State how many lines of the entries hold the string "origin", and output nothing but that count.

=== Begin Enclosure ===

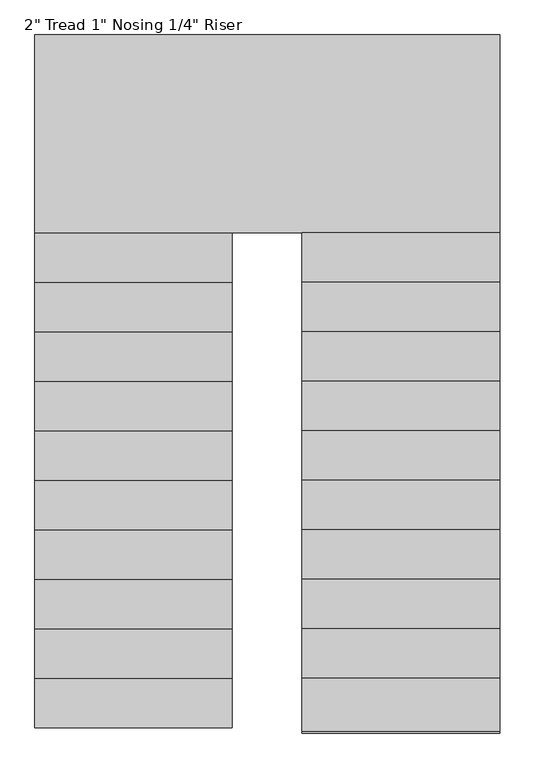
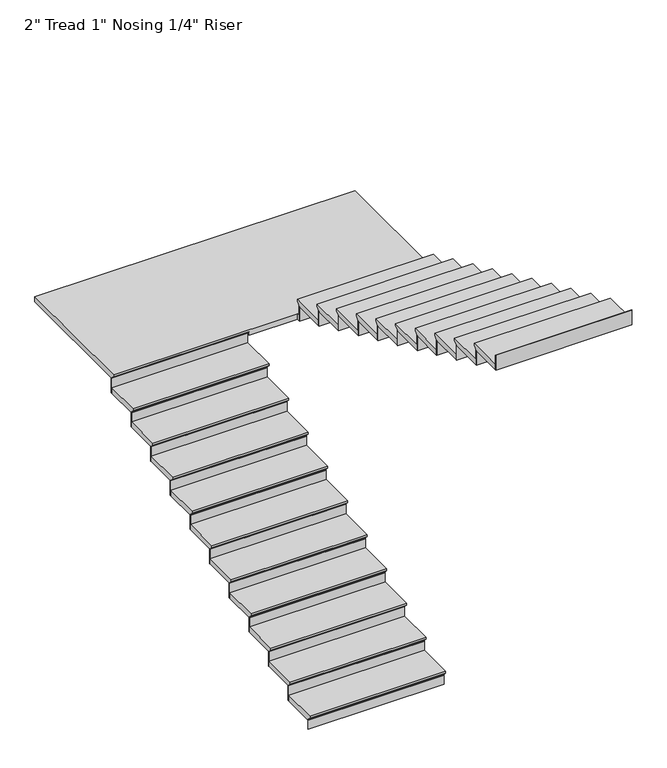
"""IFC4 building model written with IfcOpenShell, lengths in millimetres: stair flight geometry."""

from ifc_helpers import new_model, si_unit, origin, place, context, project, spatial, faceted_brep, source, transform, mapped, element, save


def stair_flight_5ae6432b(model_context):
    return source(origin(), model_context, "Body", "Brep", [
        faceted_brep([(-629.5987998, 3364.6067329, 6520.2954545), (-629.5987998, 3364.6067329, 6539.3454545), (-1845.5417538, 3364.6067329, 6539.3454545), (-1845.5417538, 3364.6067329, 6520.2954545), (-629.5987998, 3390.0067329, 6494.8954545), (-1845.5417538, 3390.0067329, 6494.8954545), (-629.5987998, 3694.8067329, 6539.3454545), (-1845.5417538, 3694.8067329, 6539.3454545), (-1845.5417538, 3390.0067329, 6488.5454545), (-1845.5417538, 3694.8067329, 6488.5454545), (-629.5987998, 3694.8067329, 6488.5454545), (-629.5987998, 3390.0067329, 6488.5454545)], [[[0, 1, 2, 3]], [[4, 0, 3, 5]], [[2, 1, 6, 7]], [[8, 9, 10, 11]], [[2, 7, 9, 8, 5, 3]], [[8, 11, 4, 5]], [[6, 1, 0, 4, 11, 10]], [[7, 6, 10, 9]]]),
        faceted_brep([(-629.5987998, 3390.0067329, 6488.5454545), (-629.5987998, 3390.0067329, 6400.8), (-629.5987998, 3396.3567329, 6400.8), (-629.5987998, 3396.3567329, 6488.5454545), (-1845.5417538, 3390.0067329, 6488.5454545), (-1845.5417538, 3396.3567329, 6488.5454545), (-1845.5417538, 3396.3567329, 6400.8), (-1845.5417538, 3390.0067329, 6400.8)], [[[0, 1, 2, 3]], [[4, 5, 6, 7]], [[1, 0, 4, 7]], [[2, 1, 7, 6]], [[3, 2, 6, 5]], [[0, 3, 5, 4]]]),
        faceted_brep([(-629.5987998, 3694.8067329, 6627.0909091), (-629.5987998, 3694.8067329, 6488.5454545), (-629.5987998, 3701.1567329, 6488.5454545), (-629.5987998, 3701.1567329, 6627.0909091), (-1845.5417538, 3694.8067329, 6627.0909091), (-1845.5417538, 3701.1567329, 6627.0909091), (-1845.5417538, 3701.1567329, 6488.5454545), (-1845.5417538, 3694.8067329, 6488.5454545)], [[[0, 1, 2, 3]], [[4, 5, 6, 7]], [[1, 0, 4, 7]], [[2, 1, 7, 6]], [[3, 2, 6, 5]], [[0, 3, 5, 4]]]),
        faceted_brep([(-1845.5417538, 3669.4067329, 6677.8909091), (-629.5987998, 3669.4067329, 6677.8909091), (-629.5987998, 3999.6067329, 6677.8909091), (-1845.5417538, 3999.6067329, 6677.8909091), (-1845.5417538, 3694.8067329, 6627.0909091), (-1845.5417538, 3999.6067329, 6627.0909091), (-629.5987998, 3999.6067329, 6627.0909091), (-629.5987998, 3694.8067329, 6627.0909091), (-1845.5417538, 3694.8067329, 6633.4409091), (-1845.5417538, 3669.4067329, 6658.8409091), (-629.5987998, 3694.8067329, 6633.4409091), (-629.5987998, 3669.4067329, 6658.8409091)], [[[0, 1, 2, 3]], [[4, 5, 6, 7]], [[0, 3, 5, 4, 8, 9]], [[4, 7, 10, 8]], [[2, 1, 11, 10, 7, 6]], [[3, 2, 6, 5]], [[11, 1, 0, 9]], [[10, 11, 9, 8]]]),
        faceted_brep([(-629.5987998, 3999.6067329, 6765.6363636), (-629.5987998, 3999.6067329, 6627.0909091), (-629.5987998, 4005.9567329, 6627.0909091), (-629.5987998, 4005.9567329, 6765.6363636), (-1845.5417538, 3999.6067329, 6765.6363636), (-1845.5417538, 4005.9567329, 6765.6363636), (-1845.5417538, 4005.9567329, 6627.0909091), (-1845.5417538, 3999.6067329, 6627.0909091)], [[[0, 1, 2, 3]], [[4, 5, 6, 7]], [[1, 0, 4, 7]], [[2, 1, 7, 6]], [[3, 2, 6, 5]], [[0, 3, 5, 4]]]),
        faceted_brep([(-1845.5417538, 3974.2067329, 6816.4363636), (-629.5987998, 3974.2067329, 6816.4363636), (-629.5987998, 4304.4067329, 6816.4363636), (-1845.5417538, 4304.4067329, 6816.4363636), (-1845.5417538, 3999.6067329, 6765.6363636), (-1845.5417538, 4304.4067329, 6765.6363636), (-629.5987998, 4304.4067329, 6765.6363636), (-629.5987998, 3999.6067329, 6765.6363636), (-1845.5417538, 3999.6067329, 6771.9863636), (-1845.5417538, 3974.2067329, 6797.3863636), (-629.5987998, 3999.6067329, 6771.9863636), (-629.5987998, 3974.2067329, 6797.3863636)], [[[0, 1, 2, 3]], [[4, 5, 6, 7]], [[0, 3, 5, 4, 8, 9]], [[4, 7, 10, 8]], [[2, 1, 11, 10, 7, 6]], [[3, 2, 6, 5]], [[11, 1, 0, 9]], [[10, 11, 9, 8]]]),
        faceted_brep([(-629.5987998, 4304.4067329, 6904.1818182), (-629.5987998, 4304.4067329, 6765.6363636), (-629.5987998, 4310.7567329, 6765.6363636), (-629.5987998, 4310.7567329, 6904.1818182), (-1845.5417538, 4304.4067329, 6904.1818182), (-1845.5417538, 4310.7567329, 6904.1818182), (-1845.5417538, 4310.7567329, 6765.6363636), (-1845.5417538, 4304.4067329, 6765.6363636)], [[[0, 1, 2, 3]], [[4, 5, 6, 7]], [[1, 0, 4, 7]], [[2, 1, 7, 6]], [[3, 2, 6, 5]], [[0, 3, 5, 4]]]),
        faceted_brep([(-1845.5417538, 4279.0067329, 6954.9818182), (-629.5987998, 4279.0067329, 6954.9818182), (-629.5987998, 4609.2067329, 6954.9818182), (-1845.5417538, 4609.2067329, 6954.9818182), (-1845.5417538, 4304.4067329, 6904.1818182), (-1845.5417538, 4609.2067329, 6904.1818182), (-629.5987998, 4609.2067329, 6904.1818182), (-629.5987998, 4304.4067329, 6904.1818182), (-1845.5417538, 4304.4067329, 6910.5318182), (-1845.5417538, 4279.0067329, 6935.9318182), (-629.5987998, 4304.4067329, 6910.5318182), (-629.5987998, 4279.0067329, 6935.9318182)], [[[0, 1, 2, 3]], [[4, 5, 6, 7]], [[0, 3, 5, 4, 8, 9]], [[4, 7, 10, 8]], [[2, 1, 11, 10, 7, 6]], [[3, 2, 6, 5]], [[11, 1, 0, 9]], [[10, 11, 9, 8]]]),
        faceted_brep([(-629.5987998, 4609.2067329, 7042.7272727), (-629.5987998, 4609.2067329, 6904.1818182), (-629.5987998, 4615.5567329, 6904.1818182), (-629.5987998, 4615.5567329, 7042.7272727), (-1845.5417538, 4609.2067329, 7042.7272727), (-1845.5417538, 4615.5567329, 7042.7272727), (-1845.5417538, 4615.5567329, 6904.1818182), (-1845.5417538, 4609.2067329, 6904.1818182)], [[[0, 1, 2, 3]], [[4, 5, 6, 7]], [[1, 0, 4, 7]], [[2, 1, 7, 6]], [[3, 2, 6, 5]], [[0, 3, 5, 4]]]),
        faceted_brep([(-1845.5417538, 4583.8067329, 7093.5272727), (-629.5987998, 4583.8067329, 7093.5272727), (-629.5987998, 4914.0067329, 7093.5272727), (-1845.5417538, 4914.0067329, 7093.5272727), (-1845.5417538, 4609.2067329, 7042.7272727), (-1845.5417538, 4914.0067329, 7042.7272727), (-629.5987998, 4914.0067329, 7042.7272727), (-629.5987998, 4609.2067329, 7042.7272727), (-1845.5417538, 4609.2067329, 7049.0772727), (-1845.5417538, 4583.8067329, 7074.4772727), (-629.5987998, 4609.2067329, 7049.0772727), (-629.5987998, 4583.8067329, 7074.4772727)], [[[0, 1, 2, 3]], [[4, 5, 6, 7]], [[0, 3, 5, 4, 8, 9]], [[4, 7, 10, 8]], [[2, 1, 11, 10, 7, 6]], [[3, 2, 6, 5]], [[11, 1, 0, 9]], [[10, 11, 9, 8]]]),
        faceted_brep([(-629.5987998, 4914.0067329, 7181.2727273), (-629.5987998, 4914.0067329, 7042.7272727), (-629.5987998, 4920.3567329, 7042.7272727), (-629.5987998, 4920.3567329, 7181.2727273), (-1845.5417538, 4914.0067329, 7181.2727273), (-1845.5417538, 4920.3567329, 7181.2727273), (-1845.5417538, 4920.3567329, 7042.7272727), (-1845.5417538, 4914.0067329, 7042.7272727)], [[[0, 1, 2, 3]], [[4, 5, 6, 7]], [[1, 0, 4, 7]], [[2, 1, 7, 6]], [[3, 2, 6, 5]], [[0, 3, 5, 4]]]),
        faceted_brep([(-1845.5417538, 4888.6067329, 7232.0727273), (-629.5987998, 4888.6067329, 7232.0727273), (-629.5987998, 5218.8067329, 7232.0727273), (-1845.5417538, 5218.8067329, 7232.0727273), (-1845.5417538, 4914.0067329, 7181.2727273), (-1845.5417538, 5218.8067329, 7181.2727273), (-629.5987998, 5218.8067329, 7181.2727273), (-629.5987998, 4914.0067329, 7181.2727273), (-1845.5417538, 4914.0067329, 7187.6227273), (-1845.5417538, 4888.6067329, 7213.0227273), (-629.5987998, 4914.0067329, 7187.6227273), (-629.5987998, 4888.6067329, 7213.0227273)], [[[0, 1, 2, 3]], [[4, 5, 6, 7]], [[0, 3, 5, 4, 8, 9]], [[4, 7, 10, 8]], [[2, 1, 11, 10, 7, 6]], [[3, 2, 6, 5]], [[11, 1, 0, 9]], [[10, 11, 9, 8]]]),
        faceted_brep([(-629.5987998, 5218.8067329, 7319.8181818), (-629.5987998, 5218.8067329, 7181.2727273), (-629.5987998, 5225.1567329, 7181.2727273), (-629.5987998, 5225.1567329, 7319.8181818), (-1845.5417538, 5218.8067329, 7319.8181818), (-1845.5417538, 5225.1567329, 7319.8181818), (-1845.5417538, 5225.1567329, 7181.2727273), (-1845.5417538, 5218.8067329, 7181.2727273)], [[[0, 1, 2, 3]], [[4, 5, 6, 7]], [[1, 0, 4, 7]], [[2, 1, 7, 6]], [[3, 2, 6, 5]], [[0, 3, 5, 4]]]),
        faceted_brep([(-1845.5417538, 5193.4067329, 7370.6181818), (-629.5987998, 5193.4067329, 7370.6181818), (-629.5987998, 5523.6067329, 7370.6181818), (-1845.5417538, 5523.6067329, 7370.6181818), (-1845.5417538, 5218.8067329, 7319.8181818), (-1845.5417538, 5523.6067329, 7319.8181818), (-629.5987998, 5523.6067329, 7319.8181818), (-629.5987998, 5218.8067329, 7319.8181818), (-1845.5417538, 5218.8067329, 7326.1681818), (-1845.5417538, 5193.4067329, 7351.5681818), (-629.5987998, 5218.8067329, 7326.1681818), (-629.5987998, 5193.4067329, 7351.5681818)], [[[0, 1, 2, 3]], [[4, 5, 6, 7]], [[0, 3, 5, 4, 8, 9]], [[4, 7, 10, 8]], [[2, 1, 11, 10, 7, 6]], [[3, 2, 6, 5]], [[11, 1, 0, 9]], [[10, 11, 9, 8]]]),
        faceted_brep([(-629.5987998, 5523.6067329, 7458.3636364), (-629.5987998, 5523.6067329, 7319.8181818), (-629.5987998, 5529.9567329, 7319.8181818), (-629.5987998, 5529.9567329, 7458.3636364), (-1845.5417538, 5523.6067329, 7458.3636364), (-1845.5417538, 5529.9567329, 7458.3636364), (-1845.5417538, 5529.9567329, 7319.8181818), (-1845.5417538, 5523.6067329, 7319.8181818)], [[[0, 1, 2, 3]], [[4, 5, 6, 7]], [[1, 0, 4, 7]], [[2, 1, 7, 6]], [[3, 2, 6, 5]], [[0, 3, 5, 4]]]),
        faceted_brep([(-1845.5417538, 5498.2067329, 7509.1636364), (-629.5987998, 5498.2067329, 7509.1636364), (-629.5987998, 5828.4067329, 7509.1636364), (-1845.5417538, 5828.4067329, 7509.1636364), (-1845.5417538, 5523.6067329, 7458.3636364), (-1845.5417538, 5828.4067329, 7458.3636364), (-629.5987998, 5828.4067329, 7458.3636364), (-629.5987998, 5523.6067329, 7458.3636364), (-1845.5417538, 5523.6067329, 7464.7136364), (-1845.5417538, 5498.2067329, 7490.1136364), (-629.5987998, 5523.6067329, 7464.7136364), (-629.5987998, 5498.2067329, 7490.1136364)], [[[0, 1, 2, 3]], [[4, 5, 6, 7]], [[0, 3, 5, 4, 8, 9]], [[4, 7, 10, 8]], [[2, 1, 11, 10, 7, 6]], [[3, 2, 6, 5]], [[11, 1, 0, 9]], [[10, 11, 9, 8]]]),
        faceted_brep([(-629.5987998, 5828.4067329, 7596.9090909), (-629.5987998, 5828.4067329, 7458.3636364), (-629.5987998, 5834.7567329, 7458.3636364), (-629.5987998, 5834.7567329, 7596.9090909), (-1845.5417538, 5828.4067329, 7596.9090909), (-1845.5417538, 5834.7567329, 7596.9090909), (-1845.5417538, 5834.7567329, 7458.3636364), (-1845.5417538, 5828.4067329, 7458.3636364)], [[[0, 1, 2, 3]], [[4, 5, 6, 7]], [[1, 0, 4, 7]], [[2, 1, 7, 6]], [[3, 2, 6, 5]], [[0, 3, 5, 4]]]),
        faceted_brep([(-1845.5417538, 5803.0067329, 7647.7090909), (-629.5987998, 5803.0067329, 7647.7090909), (-629.5987998, 6133.2067329, 7647.7090909), (-1845.5417538, 6133.2067329, 7647.7090909), (-1845.5417538, 5828.4067329, 7596.9090909), (-1845.5417538, 6133.2067329, 7596.9090909), (-629.5987998, 6133.2067329, 7596.9090909), (-629.5987998, 5828.4067329, 7596.9090909), (-1845.5417538, 5828.4067329, 7603.2590909), (-1845.5417538, 5803.0067329, 7628.6590909), (-629.5987998, 5828.4067329, 7603.2590909), (-629.5987998, 5803.0067329, 7628.6590909)], [[[0, 1, 2, 3]], [[4, 5, 6, 7]], [[0, 3, 5, 4, 8, 9]], [[4, 7, 10, 8]], [[2, 1, 11, 10, 7, 6]], [[3, 2, 6, 5]], [[11, 1, 0, 9]], [[10, 11, 9, 8]]]),
        faceted_brep([(-629.5987998, 6133.2067329, 7735.4545455), (-629.5987998, 6133.2067329, 7596.9090909), (-629.5987998, 6139.5567329, 7596.9090909), (-629.5987998, 6139.5567329, 7735.4545455), (-1845.5417538, 6133.2067329, 7735.4545455), (-1845.5417538, 6139.5567329, 7735.4545455), (-1845.5417538, 6139.5567329, 7596.9090909), (-1845.5417538, 6133.2067329, 7596.9090909)], [[[0, 1, 2, 3]], [[4, 5, 6, 7]], [[1, 0, 4, 7]], [[2, 1, 7, 6]], [[3, 2, 6, 5]], [[0, 3, 5, 4]]]),
        faceted_brep([(-1845.5417538, 6107.8067329, 7786.2545455), (-629.5987998, 6107.8067329, 7786.2545455), (-629.5987998, 6438.0067329, 7786.2545455), (-1845.5417538, 6438.0067329, 7786.2545455), (-1845.5417538, 6133.2067329, 7735.4545455), (-1845.5417538, 6438.0067329, 7735.4545455), (-629.5987998, 6438.0067329, 7735.4545455), (-629.5987998, 6133.2067329, 7735.4545455), (-1845.5417538, 6133.2067329, 7741.8045455), (-1845.5417538, 6107.8067329, 7767.2045455), (-629.5987998, 6133.2067329, 7741.8045455), (-629.5987998, 6107.8067329, 7767.2045455)], [[[0, 1, 2, 3]], [[4, 5, 6, 7]], [[0, 3, 5, 4, 8, 9]], [[4, 7, 10, 8]], [[2, 1, 11, 10, 7, 6]], [[3, 2, 6, 5]], [[11, 1, 0, 9]], [[10, 11, 9, 8]]]),
        faceted_brep([(-629.5987998, 6438.0067329, 7874.0), (-629.5987998, 6438.0067329, 7735.4545455), (-629.5987998, 6444.3567329, 7735.4545455), (-629.5987998, 6444.3567329, 7874.0), (-1845.5417538, 6438.0067329, 7874.0), (-1845.5417538, 6444.3567329, 7874.0), (-1845.5417538, 6444.3567329, 7735.4545455), (-1845.5417538, 6438.0067329, 7735.4545455)], [[[0, 1, 2, 3]], [[4, 5, 6, 7]], [[1, 0, 4, 7]], [[2, 1, 7, 6]], [[3, 2, 6, 5]], [[0, 3, 5, 4]]]),
        faceted_brep([(1021.4012085, 6387.2067329, 7924.8), (1021.4012085, 7631.8067329, 7924.8), (-1845.5417538, 7631.8067329, 7924.8), (-1845.5417538, 6412.6067329, 7924.8), (-197.7987915, 6412.6067329, 7924.8), (-197.7987915, 6387.2067329, 7924.8), (1021.4012085, 7631.8067329, 7874.0), (1021.4012085, 6387.2067329, 7874.0), (-197.7987915, 6387.2067329, 7874.0), (-197.7987915, 6412.6067329, 7874.0), (-629.5987998, 6412.6067329, 7874.0), (-629.5987998, 6438.0067329, 7874.0), (-1845.5417538, 6438.0067329, 7874.0), (-1845.5417538, 7631.8067329, 7874.0), (-629.5987998, 6438.0067329, 7880.35), (-1845.5417538, 6438.0067329, 7880.35), (-1845.5417538, 6412.6067329, 7905.75), (-629.5987998, 6412.6067329, 7905.75)], [[[0, 1, 2, 3, 4, 5]], [[6, 7, 8, 9, 10, 11, 12, 13]], [[1, 0, 7, 6]], [[2, 1, 6, 13]], [[12, 11, 14, 15]], [[4, 3, 16, 17, 10, 9]], [[5, 4, 9, 8]], [[0, 5, 8, 7]], [[16, 15, 14, 17]], [[3, 2, 13, 12, 15, 16]], [[11, 10, 17, 14]]]),
        faceted_brep([(-197.7987915, 6387.2067329, 8012.5454545), (-197.7987915, 6387.2067329, 7874.0), (-197.7987915, 6380.8567329, 7874.0), (-197.7987915, 6380.8567329, 8012.5454545), (1021.4012085, 6387.2067329, 8012.5454545), (1021.4012085, 6380.8567329, 8012.5454545), (1021.4012085, 6380.8567329, 7874.0), (1021.4012085, 6387.2067329, 7874.0)], [[[0, 1, 2, 3]], [[4, 5, 6, 7]], [[1, 0, 4, 7]], [[2, 1, 7, 6]], [[3, 2, 6, 5]], [[0, 3, 5, 4]]]),
        faceted_brep([(1021.4012085, 6412.6067329, 8063.3454545), (-197.7987915, 6412.6067329, 8063.3454545), (-197.7987915, 6082.4067329, 8063.3454545), (1021.4012085, 6082.4067329, 8063.3454545), (1021.4012085, 6387.2067329, 8012.5454545), (1021.4012085, 6082.4067329, 8012.5454545), (-197.7987915, 6082.4067329, 8012.5454545), (-197.7987915, 6387.2067329, 8012.5454545), (1021.4012085, 6387.2067329, 8018.8954545), (1021.4012085, 6412.6067329, 8044.2954545), (-197.7987915, 6387.2067329, 8018.8954545), (-197.7987915, 6412.6067329, 8044.2954545)], [[[0, 1, 2, 3]], [[4, 5, 6, 7]], [[0, 3, 5, 4, 8, 9]], [[4, 7, 10, 8]], [[2, 1, 11, 10, 7, 6]], [[3, 2, 6, 5]], [[11, 1, 0, 9]], [[10, 11, 9, 8]]]),
        faceted_brep([(-197.7987915, 6082.4067329, 8151.0909091), (-197.7987915, 6082.4067329, 8012.5454545), (-197.7987915, 6076.0567329, 8012.5454545), (-197.7987915, 6076.0567329, 8151.0909091), (1021.4012085, 6082.4067329, 8151.0909091), (1021.4012085, 6076.0567329, 8151.0909091), (1021.4012085, 6076.0567329, 8012.5454545), (1021.4012085, 6082.4067329, 8012.5454545)], [[[0, 1, 2, 3]], [[4, 5, 6, 7]], [[1, 0, 4, 7]], [[2, 1, 7, 6]], [[3, 2, 6, 5]], [[0, 3, 5, 4]]]),
        faceted_brep([(1021.4012085, 6107.8067329, 8201.8909091), (-197.7987915, 6107.8067329, 8201.8909091), (-197.7987915, 5777.6067329, 8201.8909091), (1021.4012085, 5777.6067329, 8201.8909091), (1021.4012085, 6082.4067329, 8151.0909091), (1021.4012085, 5777.6067329, 8151.0909091), (-197.7987915, 5777.6067329, 8151.0909091), (-197.7987915, 6082.4067329, 8151.0909091), (1021.4012085, 6082.4067329, 8157.4409091), (1021.4012085, 6107.8067329, 8182.8409091), (-197.7987915, 6082.4067329, 8157.4409091), (-197.7987915, 6107.8067329, 8182.8409091)], [[[0, 1, 2, 3]], [[4, 5, 6, 7]], [[0, 3, 5, 4, 8, 9]], [[4, 7, 10, 8]], [[2, 1, 11, 10, 7, 6]], [[3, 2, 6, 5]], [[11, 1, 0, 9]], [[10, 11, 9, 8]]]),
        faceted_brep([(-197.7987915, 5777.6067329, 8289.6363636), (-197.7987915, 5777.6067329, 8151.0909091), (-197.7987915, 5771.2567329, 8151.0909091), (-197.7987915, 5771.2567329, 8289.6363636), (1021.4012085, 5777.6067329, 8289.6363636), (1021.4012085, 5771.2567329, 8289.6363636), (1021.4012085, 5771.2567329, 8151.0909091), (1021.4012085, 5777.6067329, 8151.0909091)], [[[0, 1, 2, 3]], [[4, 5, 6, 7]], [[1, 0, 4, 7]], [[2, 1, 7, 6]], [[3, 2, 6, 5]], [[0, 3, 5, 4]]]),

=== End Enclosure ===

TASK OUTPUT: 2